YOUR ASSIGNMENT: Which of the lines below include the word "from"? Pull each one out.

##### INFORMATION #####

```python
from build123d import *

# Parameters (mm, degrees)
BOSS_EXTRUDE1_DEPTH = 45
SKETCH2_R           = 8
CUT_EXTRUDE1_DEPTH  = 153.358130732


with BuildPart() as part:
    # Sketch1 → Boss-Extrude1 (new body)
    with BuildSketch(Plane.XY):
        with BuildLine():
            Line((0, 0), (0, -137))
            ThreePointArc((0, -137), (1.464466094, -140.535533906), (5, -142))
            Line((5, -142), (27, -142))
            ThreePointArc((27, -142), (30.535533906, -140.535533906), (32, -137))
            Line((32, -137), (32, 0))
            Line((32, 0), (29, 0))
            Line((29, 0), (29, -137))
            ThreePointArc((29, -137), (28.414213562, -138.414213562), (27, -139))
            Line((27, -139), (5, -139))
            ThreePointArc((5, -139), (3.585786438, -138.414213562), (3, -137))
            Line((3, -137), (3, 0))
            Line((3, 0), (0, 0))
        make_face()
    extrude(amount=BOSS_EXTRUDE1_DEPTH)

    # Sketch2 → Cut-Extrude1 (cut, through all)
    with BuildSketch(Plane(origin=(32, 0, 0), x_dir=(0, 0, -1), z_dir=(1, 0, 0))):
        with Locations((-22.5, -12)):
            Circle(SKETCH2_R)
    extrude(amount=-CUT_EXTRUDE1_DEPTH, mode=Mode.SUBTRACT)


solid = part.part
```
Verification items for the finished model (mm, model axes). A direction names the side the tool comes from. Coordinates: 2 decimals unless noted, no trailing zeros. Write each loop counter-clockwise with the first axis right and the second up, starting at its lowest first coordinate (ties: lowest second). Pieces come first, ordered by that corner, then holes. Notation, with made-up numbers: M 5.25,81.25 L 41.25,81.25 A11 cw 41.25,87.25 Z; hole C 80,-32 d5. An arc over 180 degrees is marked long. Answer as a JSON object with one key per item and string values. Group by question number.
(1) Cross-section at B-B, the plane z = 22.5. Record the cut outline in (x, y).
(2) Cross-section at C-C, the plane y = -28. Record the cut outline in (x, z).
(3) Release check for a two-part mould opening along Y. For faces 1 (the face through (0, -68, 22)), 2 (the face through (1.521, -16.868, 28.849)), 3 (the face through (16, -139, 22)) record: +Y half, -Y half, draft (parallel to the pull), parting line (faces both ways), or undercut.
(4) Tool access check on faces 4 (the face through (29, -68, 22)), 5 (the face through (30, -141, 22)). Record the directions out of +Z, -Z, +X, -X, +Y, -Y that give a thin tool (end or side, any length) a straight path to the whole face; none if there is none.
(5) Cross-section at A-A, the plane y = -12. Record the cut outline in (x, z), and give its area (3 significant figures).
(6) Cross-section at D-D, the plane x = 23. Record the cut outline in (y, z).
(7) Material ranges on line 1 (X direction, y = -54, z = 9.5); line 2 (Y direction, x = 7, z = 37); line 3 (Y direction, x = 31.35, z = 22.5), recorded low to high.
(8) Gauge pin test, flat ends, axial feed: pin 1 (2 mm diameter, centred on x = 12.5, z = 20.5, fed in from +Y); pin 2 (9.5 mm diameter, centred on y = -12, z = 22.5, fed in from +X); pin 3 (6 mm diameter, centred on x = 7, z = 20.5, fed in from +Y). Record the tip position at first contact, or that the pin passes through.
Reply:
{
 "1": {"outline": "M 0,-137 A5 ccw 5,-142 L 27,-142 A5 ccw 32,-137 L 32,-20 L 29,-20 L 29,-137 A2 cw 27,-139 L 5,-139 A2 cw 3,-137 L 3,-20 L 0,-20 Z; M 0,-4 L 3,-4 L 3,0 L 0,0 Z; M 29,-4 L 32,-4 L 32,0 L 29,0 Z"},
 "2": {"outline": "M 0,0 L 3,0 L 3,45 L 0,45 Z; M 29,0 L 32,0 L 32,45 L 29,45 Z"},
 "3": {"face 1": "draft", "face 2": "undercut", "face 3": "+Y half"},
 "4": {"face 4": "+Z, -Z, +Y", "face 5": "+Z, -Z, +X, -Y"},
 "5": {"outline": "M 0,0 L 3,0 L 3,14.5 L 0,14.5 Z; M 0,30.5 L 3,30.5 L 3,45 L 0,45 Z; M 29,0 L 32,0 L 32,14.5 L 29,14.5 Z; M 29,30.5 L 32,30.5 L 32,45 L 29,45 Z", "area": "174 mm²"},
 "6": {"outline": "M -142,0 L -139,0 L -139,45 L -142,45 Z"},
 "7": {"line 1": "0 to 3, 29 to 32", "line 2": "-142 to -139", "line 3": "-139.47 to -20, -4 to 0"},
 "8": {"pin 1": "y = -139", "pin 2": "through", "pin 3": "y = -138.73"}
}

#####

SOLUTION:
from build123d import *
Verification items for the finished model (mm, model axes). A direction names the side the tool comes from. Coordinates: 2 decimals unless noted, no trailing zeros. Write each loop counter-clockwise with the first axis right and the second up, starting at its lowest first coordinate (ties: lowest second). Pieces come first, ordered by that corner, then holes. Notation, with made-up numbers: M 5.25,81.25 L 41.25,81.25 A11 cw 41.25,87.25 Z; hole C 80,-32 d5. An arc over 180 degrees is marked long. Answer as a JSON object with one key per item and string values. Group by question number.
(8) Gauge pin test, flat ends, axial feed: pin 1 (2 mm diameter, centred on x = 12.5, z = 20.5, fed in from +Y); pin 2 (9.5 mm diameter, centred on y = -12, z = 22.5, fed in from +X); pin 3 (6 mm diameter, centred on x = 7, z = 20.5, fed in from +Y). Record the tip position at first contact, or that the pin passes through.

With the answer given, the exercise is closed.